=== Try it ===
The entries below hold a line with "PA2: U3.7(PA2) U10.3(3B)" and a line with "- OLED display module". Return those lines and all that lie between them, exactly and only.

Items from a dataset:
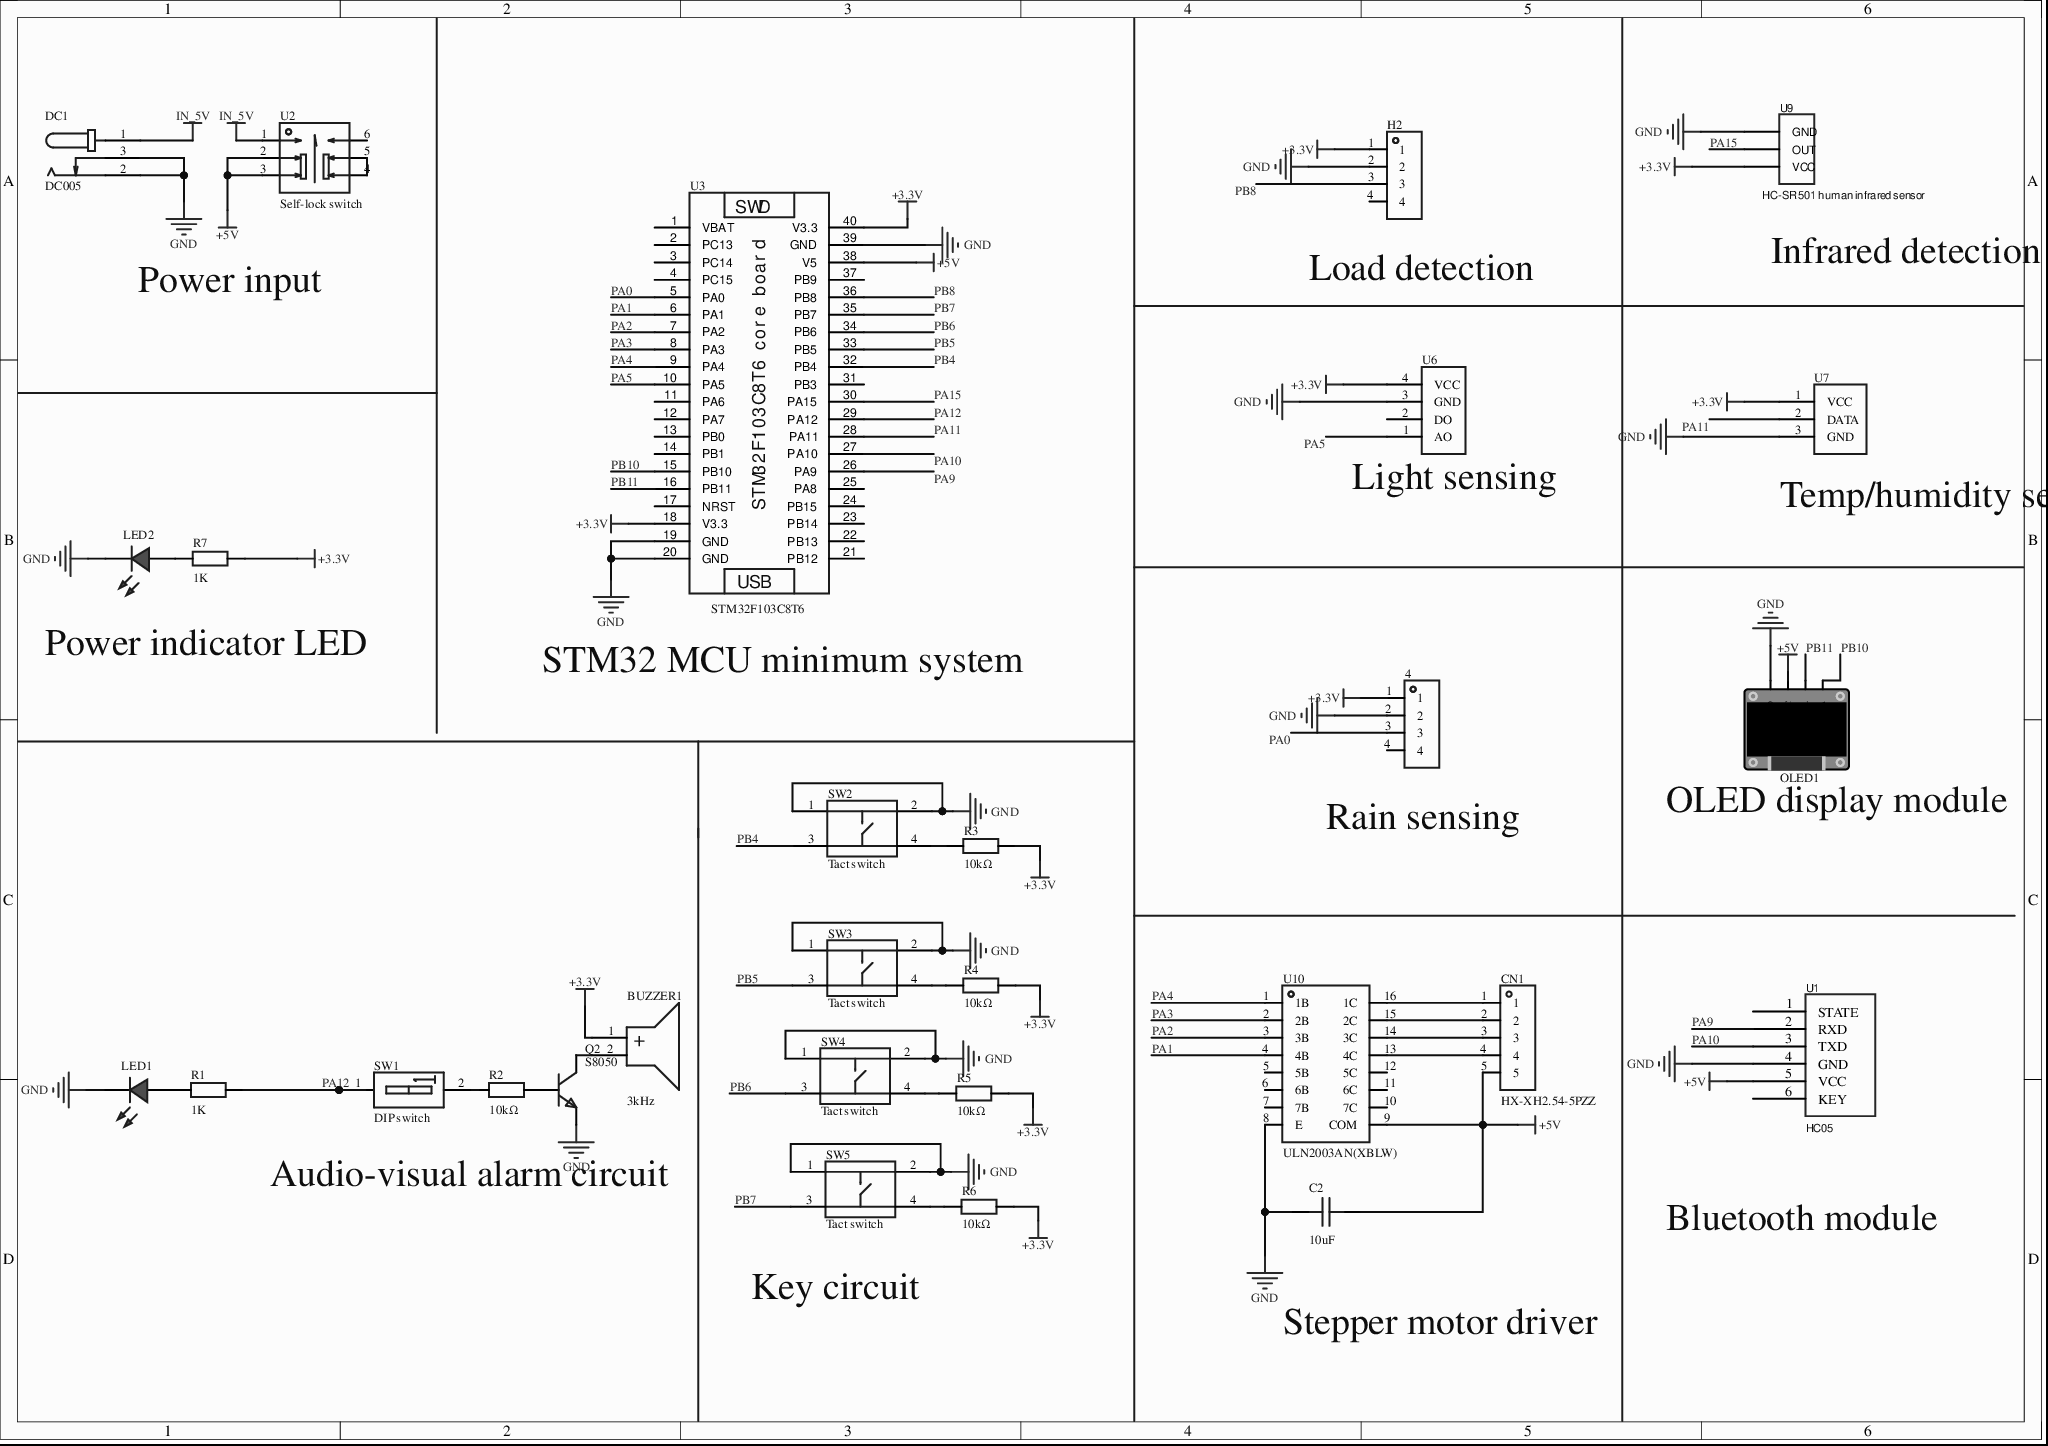
[diagram p0: MISC61241-3.schdoc]
# Altium project MISC61241-2.PrjPcb
1 sheet, 29 parts. Net scope: global (net labels, ports and power ports of the same name join across sheets).
Board file: MISC61241.pcbdoc

## Sheet MISC61241-3.schdoc
size 297 x 209 mm; Version: V1.0; @Project Name: MISC61241; @Update Date: 2026-04-29; @Create Date: 2026-04-29; @Board Name: MISC61241; @Create Time: 17:14:38; @Page Count: 1; @Page No: 1; @Schematic Name: MISC61241; @Update Time: 17:14:38; Size: A4

### Parts
4  (no value)  [HDR-TH_4P-P2.54-V-F]
BUZZER1  3kHz  [BUZZER]
C2  10uF  [CAP-TH_L10.0-W4.0-P7.50-D0.6-1]
CN1  HX-XH2.54-5PZZ  [CONN-TH_5P-P2.50_ZX-XH2.54-5PZZ]
DC1  DC005  [DC-IN-TH_DC005]
H2  (no value)  [HDR-TH_4P-P2.54-V-F]
LED1  (no value)  [LED-TH_5mm]
LED2  (no value)  [LED-TH_5mm]
OLED1  (no value)  [0.96OLED_4P]
Q2  S8050  [TO-92-3_L4.5-W3.5-P1.27-L]
R1  1K  [Res_1/4W]
R2  10kΩ  [Res_1/4W]
R3  10kΩ  [Res_1/4W]
R4  10kΩ  [Res_1/4W]
R5  10kΩ  [Res_1/4W]
R6  10kΩ  [Res_1/4W]
R7  1K  [Res_1/4W]
SW1  DIP switch  [SW-TH_DSWB01LHGET]
SW2  Tact switch  [KEY-TH_4P-L6.0-W6.0-P4.50-LS6.50]
SW3  Tact switch  [KEY-TH_4P-L6.0-W6.0-P4.50-LS6.50]
SW4  Tact switch  [KEY-TH_4P-L6.0-W6.0-P4.50-LS6.50]
SW5  Tact switch  [KEY-TH_4P-L6.0-W6.0-P4.50-LS6.50]
U1  HC05  [HC05]
U2  Self-lock switch  [SW-TH_6P-L5.8-W5.8-P2.00-LS4.5-TR]
U3  STM32F103C8T6  [STM32F103C8T6核心板]
U6  (no value)  [HDR-TH_4P-P2.54_342-40-104-00-592000]
U7  (no value)  [HDR-TH_3P-P2.54-V-M-B]
U9  HC-SR501 human infrared sensor  [大闸蟹-HC-SR501人体红外传感器]
U10  ULN2003AN(XBLW)  [PDIP-16_L19.3-W6.4-P2.54-LS7.9-BL]

### Nets
+3.3V: 4.1 BUZZER1.1(+) H2.1 R3.2 R4.2 R5.2 R6.2 R7.2 U3.18(V3.3) U3.40(V3.3) U6.4(VCC) U7.1(VCC) U9.3(VCC)
+5V: C2.2 CN1.5 OLED1.2(VCC) U1.5(VCC) U2.2 U2.3 U3.38(V5) U10.9(COM)
GND: 4.2 C2.1 DC1.2 DC1.3 H2.2 LED1.2(A) LED2.2(A) OLED1.1(GND) Q2.1(E) SW2.1 SW2.2 SW3.1 SW3.2 SW4.1 SW4.2 SW5.1 SW5.2 U1.4(GND) U3.19(GND) U3.20(GND) U3.39(GND) U6.3(GND) U7.3(GND) U9.1(GND) U10.8(E)
IN_5V: DC1.1 U2.1
PA0: 4.3 U3.5(PA0)
PA1: U3.6(PA1) U10.4(4B)
PA2: U3.7(PA2) U10.3(3B)
PA3: U3.8(PA3) U10.2(2B)
PA4: U3.9(PA4) U10.1(1B)
PA5: U3.10(PA5) U6.1(AO)
PA9: U1.2(RXD) U3.26(PA9)
PA10: U1.3(TXD) U3.27(PA10)
PA11: U3.28(PA11) U7.2(DATA)
PA12: R1.2 SW1.1(A1) U3.29(PA12)
PA15: U3.30(PA15) U9.2(OUT)
PB4: SW2.3 U3.32(PB4)
PB5: SW3.3 U3.33(PB5)
PB6: SW4.3 U3.34(PB6)
PB7: SW5.3 U3.35(PB7)
PB8: H2.3 U3.36(PB8)
PB10: OLED1.4(SDA) U3.15(PB10)
PB11: OLED1.3(SCL) U3.16(PB11)
NetBUZZER1_2: BUZZER1.2(-) Q2.3(C)
NetCN1_1: CN1.1 U10.16(1C)
NetCN1_2: CN1.2 U10.15(2C)
NetCN1_3: CN1.3 U10.14(3C)
NetCN1_4: CN1.4 U10.13(4C)
NetLED1_1: LED1.1(C) R1.1
NetLED2_1: LED2.1(C) R7.1
NetQ2_2: Q2.2(B) R2.2
NetR2_1: R2.1 SW1.2
NetR3_1: R3.1 SW2.4
NetR4_1: R4.1 SW3.4
NetR5_1: R5.1 SW4.4
NetR6_1: R6.1 SW5.4
NetU2_4: U2.4 U2.5

Not connected (* = marked no-connect by the designer): 4 4*; H2 4*; U1 1(STATE)* 6(KEY)*; U2 6*; U3 1(VBAT)* 2(PC13) 3(PC14) 4(PC15) 11(PA6) 12(PA7) 13(PB0) 14(PB1) 17(NRST) 21(PB12) 22(PB13) 23(PB14) 24(PB15) 25(PA8) 31(PB3) 37(PB9); U6 2(DO)*; U10 5(5B) 6(6B) 7(7B) 10(7C) 11(6C) 12(5C)

### Notes on the sheet
- Power input
- (near H2) Load detection
- (near U9) Infrared detection
- (near U6) Light sensing
- (near U7) Temp/humidity sensing
- Power indicator LED
- STM32 MCU minimum system
- (near 4) Rain sensing
- OLED display module
- Audio-visual alarm circuit
- Key circuit
- Bluetooth module
- Stepper motor driver

### Library data of the parts
4 H2 = HDR-F_2.54_1x4P: Symbol: 2.54-1*4P female; 3D Model: d187812051054f85879fcaa51a310d8e0819f05c4eef4c71ace90d822a990e87; 3D Model Transform: 419.6842,98.464,0,0,0,0,0,0,-118.11; ConvertToPcb: yes; Device: HDR-F_2.54_1x4P; Supplier Part: C2718488; Supplier Footprint: 插件; AddInBom: yes; FootprintName: HDR-TH_4P-P2.54-V-F; ModelName: HDR-TH_4P-P2.54-V-F
BUZZER1 = HNB09A03: Drive mode: active (built-in driver circuit); Construction type: electromagnetic; Frequency: 3kHz; Sound pressure (SPL): 85dB;; Manufacturer: 华能; AddInBom: yes; ModelId: 13273335caac486e928bafb4d9fdf12d0819f05c4eef4c71ace90d822a990e87; ModelName: BUZ-TH_D9.0-H5.5-P5.0; ModelTransform: 354.33,354.33,0,90,0,0,-0.005,0,-177.165; Voltage - Supply: 1.5V~4.5V; Current Consumption: 30mA; Symbol: HNB09A03; Device: HNB09A03; LCSC Part Name: 电磁式有源一体蜂鸣器HNB09A03; SupplierPart: C96102; ManufacturerPart: HNB09A03; Supplier Footprint: 插件,D=9mm; JLCPCB Part Class: Extended Part; Datasheet: example.com/datasheet/HNB09A03/97306.html; Supplier: LCSC; ConvertToPcb: yes; FootprintName: BUZZER; Driver Circuitry: Active (built-in driver circuit); Technology: Electromagnetic; Value: 3kHz; Sound Pressure Level(SPL): 85dB; Diameter(φD): 9mm; Length: -; Width: -; Height: 5.5mm; Operating Temperature: -20℃~+70℃
C2 = ECQU2A224ML: AddInBom: yes; ModelId: 58c4aaf12df94dde88df8b670b5e86d60819f05c4eef4c71ace90d822a990e87; ModelName: CAP-TH_L17.5-W7.8-H14.8-P15.0; ModelTransform: 688.975,307.086,0,0,0,0,-0.004,0,-137.795; Symbol: ECQU2A224ML; Device: ECQU2A224ML; LCSC Part Name: ECQU2A224ML; SupplierPart: C9900013261; ManufacturerPart: ECQU2A224ML; Supplier Footprint: CAP-TH_L17.5-W8.0-P15.00; JLCPCB Part Class: Extended Part; Supplier: LCSC; ConvertToPcb: yes; FootprintName: CAP-TH_L10.0-W4.0-P7.50-D0.6-1
CN1 = HX-XH2.54-5PZZ: Pin structure: 1x5P; Pitch: 2.54mm; Mounting: through-hole; Reference series: XH; Total pins: 5P; Rows: 1; Pins per row: 5; Row spacing: -; Rated current: 3A; Contact material: Brass; Contact plating: Tin; Operating temperature: -25℃~+85℃;; Manufacturer: hanxia(韩下); AddInBom: yes; ModelId: d05584c4f2494e6996f34343461d4ab00819f05c4eef4c71ace90d822a990e87; ModelTransform: 590.55,232.6767,0,0,0,0,0,14.528,-133.858; Number of PINs Per Row: 5; Voltage Rating: 250V; Plastic Material: PA66; Flame Retardant Rating: UL94V-0; Symbol: HX-XH2.54-5PZZ; Device: HX-XH2.54-5PZZ; LCSC Part Name: 1x5P 间距:2.5mm 直插 系列:XH; SupplierPart: C42391663; ManufacturerPart: HX-XH2.54-5PZZ; Supplier Footprint: 插件,P=2.5mm; JLCPCB Part Class: Extended Part; Datasheet: example.com/datasheet/HX-XH2.54-5PZZ/44326935.html; Supplier: LCSC; ConvertToPcb: yes; FootprintName: CONN-TH_5P-P2.50_ZX-XH2.54-5PZZ; ModelName: CONN-TH_5P-P2.50_ZX-XH2.54-5PZZ; Pins Structure: 1x5P; Mounting Type: Through-hole; Reference Series: XH; Number of Pins: 5P; Number of Rows: 1; Row Spacing: -; Current Rating: 3A; Contact Material: Brass; Contact Plating: Tin; Operating Temperature: -25℃~+85℃; Color: White
DC1 = DC005: Connector type: DC power jack; Mounting: right-angle; Contact inner diameter: 2mm; Contact outer diameter: 6.3mm; Rated current: 500mA; Rated voltage: 12V; Operating temperature: -30℃~+70℃;; Manufacturer: SHOU HAN(首韩); Symbol: DC005_C431533; AddInBom: yes; ModelId: f168fe383f964e0ea2af0127ff6ac7b40819f05c4eef4c71ace90d822a990e87; ModelTransform: 366.141,553.149,0,270,0,0,-141.734,88.583,-149.606; Device: DC005; LCSC Part Name: DC005-2.0 黑（铁）; SupplierPart: C431533; ManufacturerPart: DC005; Supplier Footprint: 插件; JLCPCB Part Class: Extended Part; Datasheet: example.com/datasheet/DC005/427890.html; Supplier: LCSC; ConvertToPcb: yes; FootprintName: DC-IN-TH_DC005; ModelName: DC-IN-TH_DC005; Connector Type: DC power jack; Mounting Type: Right-angle; Inside Contact Diameter: 2mm; Outside Contact Diameter: 6.3mm; Current Rating: 500mA; Voltage Rating (Max): 12V; Operating Temperature: -30℃~+70℃
LED1 LED2 = LED_TH-R_5mm: ConvertToPcb: yes; ModelId: fe9cea1bdf7642cd8d9a5077ed0e2b580819f05c4eef4c71ace90d822a990e87; ModelName: LED-TH_BD5.9-P2.54-RD_RED; ModelTransform: 222.16,238.98,581.81,180,0,0,-6,0,-220; Symbol: LED_TH-R; Device: LED_TH-R_5mm; AddInBom: yes; FootprintName: LED-TH_5mm; Supplier Footprint: 插件
OLED1 = 0.96OLED模块_4P: Symbol: 0.96OLED module_4P; ConvertToPcb: yes; ModelId: 79c000fdb68d45a296c2e9bedf4f90550819f05c4eef4c71ace90d822a990e87; ModelTransform: 1393.69792,1318.895,0,0,0,0,0,-560.079,-137.795; Device: 0.96OLED module_4P; AddInBom: yes; FootprintName: 0.96OLED_4P; Supplier Footprint: 插件; ModelName: 0.96OLED_4P
Q2 = S8050_C2931492: Transistor type: NPN; Collector current (Ic): 500mA; Collector-emitter breakdown voltage (Vceo): 25V; Power dissipation (Pd): 625mW; DC current gain (hFE): 160@50mA,1V;; Manufacturer: JSMSEMI(杰盛微); AddInBom: yes; ModelId: 45fa6cddef3743c6aacf8db740a3bc4c0819f05c4eef4c71ace90d822a990e87; ModelTransform: 177.165,137.795,0,0,0,0,0,29.528,-98.425; Transition frequency(fT): 150MHz; Current - Collector Cutoff: 100nA; Vce Saturation(VCE(sat)): 600mV@500mA,50mA; Emitter-Base Voltage(Vebo): 5V; Symbol: S8050_C2931492; Device: S8050_C2931492; LCSC Part Name: NPN 电流:500mA 电压:25V; SupplierPart: C2931492; ManufacturerPart: S8050; Supplier Footprint: TO-92; JLCPCB Part Class: Extended Part; Datasheet: example.com/datasheet/S8050/3272796.html; Supplier: LCSC; ConvertToPcb: yes; FootprintName: TO-92-3_L4.5-W3.5-P1.27-L; ModelName: TO-92-3_L4.5-W3.5-P1.27-L; type: NPN; Current - Collector(Ic): 500mA; Collector - Emitter Voltage VCEO: 25V; Pd - Power Dissipation: 625mW; DC Current Gain: 160@50mA,1V
R1 R7 = Res_AXIAL-1/4W: Symbol: Resistor; AddInBom: yes; ModelId: 463263665006444ab7a47bd11b0cf9560819f05c4eef4c71ace90d822a990e87; ModelName: RES-TH_BD2.4-L6.3-P10.30-D0.6; ModelTransform: 427.165,94.32816,0,0,0,0,0,0,-196.85; Value: 10kΩ; Device: Res_AXIAL-1/4W; Supplier Footprint: 轴向引线; ConvertToPcb: yes; FootprintName: Res_1/4W
R2-R6 = Res_AXIAL-1/4W: Symbol: Resistor; AddInBom: yes; ModelId: 463263665006444ab7a47bd11b0cf9560819f05c4eef4c71ace90d822a990e87; ModelName: RES-TH_BD2.4-L6.3-P10.30-D0.6; ModelTransform: 427.165,94.32816,0,0,0,0,0,0,-196.85; Device: Res_AXIAL-1/4W; Supplier Footprint: 轴向引线; ConvertToPcb: yes; FootprintName: Res_1/4W; Value: 10kΩ
SW1 = DSWB01LHGET: Type: slide, raised; Circuit structure: SPST; Number of positions: 1; Service life: -; Color: red;; Manufacturer: YE; AddInBom: yes; ModelId: 0f47cc4368c24d779ddaf17d8f9a8b630819f05c4eef4c71ace90d822a990e87; ModelName: SW-TH_2P-L4.1-W9.9-H5.4-P2.54; ModelTransform: 161.417,389.763,0,0,0,0,2.205,-1.024,-125.984; Number of Positions: 1 position; Symbol: DSWB01LHGET; Device: DSWB01LHGET; LCSC Part Name: 红色宽体1位顶拨插件; SupplierPart: C126888; ManufacturerPart: DSWB01LHGET; Supplier Footprint: 插件,9.9x4mm; JLCPCB Part Class: Extended Part; Datasheet: example.com/datasheet/DSWB01LHGET/138168.html; Supplier: LCSC; ConvertToPcb: yes; FootprintName: SW-TH_DSWB01LHGET; Type: Slide, raised; Circuit: SPST; Lead Pitch: -; Operating Life: -; Color: Red
SW2-SW5 = K2-1102DP-C4SW-04: Circuit structure: SPST; Button shape: round button; Actuating force: 2.5N; Mounting: through-hole; Switch length: 6mm; Switch width: 6mm; Switch height: 5mm; Contact current: 50mA; Rated voltage: 12V; With LED: -; Life: 10 ten-thousand cycles;; Manufacturer: 韩国韩荣; AddInBom: yes; ModelId: b38fea4b2e4e408486f1d54ff7bc5cc00819f05c4eef4c71ace90d822a990e87; ModelTransform: 307.086,236.22,0,0,0,0,0,0,-137.795; Symbol: K2-1102DP-C4SW-04; Device: K2-1102DP-C4SW-04; LCSC Part Name: 轻触按键开关6*6*5; SupplierPart: C110153; ManufacturerPart: K2-1102DP-C4SW-04; Supplier Footprint: 插件-4P,6x6mm; JLCPCB Part Class: Extended Part; Datasheet: example.com/datasheet/K2-1102DP-C4SW-04/111374.html; Supplier: LCSC; ConvertToPcb: yes; FootprintName: KEY-TH_4P-L6.0-W6.0-P4.50-LS6.50; ModelName: KEY-TH_4P-L6.0-W6.0-P4.50-LS6.50; Circuit: SPST; Actuator Style: Round button; Operating Force: 2.5N; Mounting Type: Through-hole; Length: 6mm; Width: 6mm; Switch Height: 5mm; Contact Current: 50mA; Voltage Rating: 12V; With Lamp: -; Life: 10 ten-thousand cycles; Operating Temperature: -25℃~+85℃
U2 = PB-22E85L: Self-lock/no-lock: self-lock;; Manufacturer: DEALON(德艺隆); AddInBom: yes; ModelId: 7e7b9e83d9ee4f02b9bae05764fb1b4b0819f05c4eef4c71ace90d822a990e87; ModelName: SW-TH_6P-L8.5-W8.5-P2.50-LS5.4-BL; ModelTransform: 334.645,346.456,0,90,0,0,5.907,0.004,-137.795; Symbol: PB-22E85L; Device: PB-22E85L; LCSC Part Name: PB-22E85L; SupplierPart: C5160826; ManufacturerPart: PB-22E85L; Supplier Footprint: 插件-6P,8.5x8.5mm; JLCPCB Part Class: Extended Part; Supplier: LCSC; ConvertToPcb: yes; FootprintName: SW-TH_6P-L5.8-W5.8-P2.00-LS4.5-TR; Self Lock / No Lock: Self-lock
U3 = STM32F103C8T6最小系统板: Manufacturer: 无; ManufacturerPart: STM32F103C8T6最小系统模块; Symbol: STM32F103C8T6 minimum system board; AddInBom: yes; tags: STM32; OriginFootprint: STM32F103C8T6 core board; Device: STM32F103C8T6 minimum system board; ConvertToPcb: yes; SupplierPart: C8734; JLCPCB Part Class: Basic Part; FootprintName: STM32F103C8T6 core board
U6 = 光敏电阻传感器: Symbol: Photoresistor sensor; AddInBom: yes; ModelId: 1c4389ca9c8443929a12830c080dd19b; Device: Photoresistor sensor; FootprintName: HDR-TH_4P-P2.54_342-40-104-00-592000; ConvertToPcb: yes; ModelName: HDR-TH_4P-P2.54_342-40-104-00-592000
U7 = dth11: AddInBom: yes; Symbol: dth11; Device: dth11; FootprintName: HDR-TH_3P-P2.54-V-M-B; ConvertToPcb: yes
U9 = HC-SR501人体红外传感器: Symbol: HC-SR501 human infrared sensor; Device: HC-SR501 human infrared sensor; FootprintName: HC-SR501 human infrared sensor
U10 = ULN2003AN(XBLW): Channels: seven; Collector-emitter breakdown voltage (Vceo): 50V; Collector current (Ic): 500mA;; Manufacturer: XBLW(芯伯乐); AddInBom: yes; ModelId: 7f4af0d2434d4264b3d074b3c8a801b50819f05c4eef4c71ace90d822a990e87; ModelTransform: 759.841,311.023,0,0,0,0,0,-0.001,-129.921; Voltage - Input(Max): 30V; Symbol: ULN2003AN(XBLW); Device: ULN2003AN(XBLW); LCSC Part Name: ULN2003AN; SupplierPart: C18723564; ManufacturerPart: ULN2003AN(XBLW); Supplier Footprint: DIP-16; JLCPCB Part Class: Extended Part; Datasheet: example.com/datasheet/ULN2003AN(XBLW)/19916691.html; Supplier: LCSC; ConvertToPcb: yes; FootprintName: PDIP-16_L19.3-W6.4-P2.54-LS7.9-BL; ModelName: PDIP-16_L19.3-W6.4-P2.54-LS7.9-BL; number of channels: seven; Collector - Emitter Voltage VCEO: 50V; Current - Collector(Ic): 500mA; Operating Temperature: -
U1 = HC05: Symbol: HC05; Device: HC05; FootprintName: HC05

=== Task solution ===
PA2: U3.7(PA2) U10.3(3B)
PA3: U3.8(PA3) U10.2(2B)
PA4: U3.9(PA4) U10.1(1B)
PA5: U3.10(PA5) U6.1(AO)
PA9: U1.2(RXD) U3.26(PA9)
PA10: U1.3(TXD) U3.27(PA10)
PA11: U3.28(PA11) U7.2(DATA)
PA12: R1.2 SW1.1(A1) U3.29(PA12)
PA15: U3.30(PA15) U9.2(OUT)
PB4: SW2.3 U3.32(PB4)
PB5: SW3.3 U3.33(PB5)
PB6: SW4.3 U3.34(PB6)
PB7: SW5.3 U3.35(PB7)
PB8: H2.3 U3.36(PB8)
PB10: OLED1.4(SDA) U3.15(PB10)
PB11: OLED1.3(SCL) U3.16(PB11)
NetBUZZER1_2: BUZZER1.2(-) Q2.3(C)
NetCN1_1: CN1.1 U10.16(1C)
NetCN1_2: CN1.2 U10.15(2C)
NetCN1_3: CN1.3 U10.14(3C)
NetCN1_4: CN1.4 U10.13(4C)
NetLED1_1: LED1.1(C) R1.1
NetLED2_1: LED2.1(C) R7.1
NetQ2_2: Q2.2(B) R2.2
NetR2_1: R2.1 SW1.2
NetR3_1: R3.1 SW2.4
NetR4_1: R4.1 SW3.4
NetR5_1: R5.1 SW4.4
NetR6_1: R6.1 SW5.4
NetU2_4: U2.4 U2.5

Not connected (* = marked no-connect by the designer): 4 4*; H2 4*; U1 1(STATE)* 6(KEY)*; U2 6*; U3 1(VBAT)* 2(PC13) 3(PC14) 4(PC15) 11(PA6) 12(PA7) 13(PB0) 14(PB1) 17(NRST) 21(PB12) 22(PB13) 23(PB14) 24(PB15) 25(PA8) 31(PB3) 37(PB9); U6 2(DO)*; U10 5(5B) 6(6B) 7(7B) 10(7C) 11(6C) 12(5C)

### Notes on the sheet
- Power input
- (near H2) Load detection
- (near U9) Infrared detection
- (near U6) Light sensing
- (near U7) Temp/humidity sensing
- Power indicator LED
- STM32 MCU minimum system
- (near 4) Rain sensing
- OLED display module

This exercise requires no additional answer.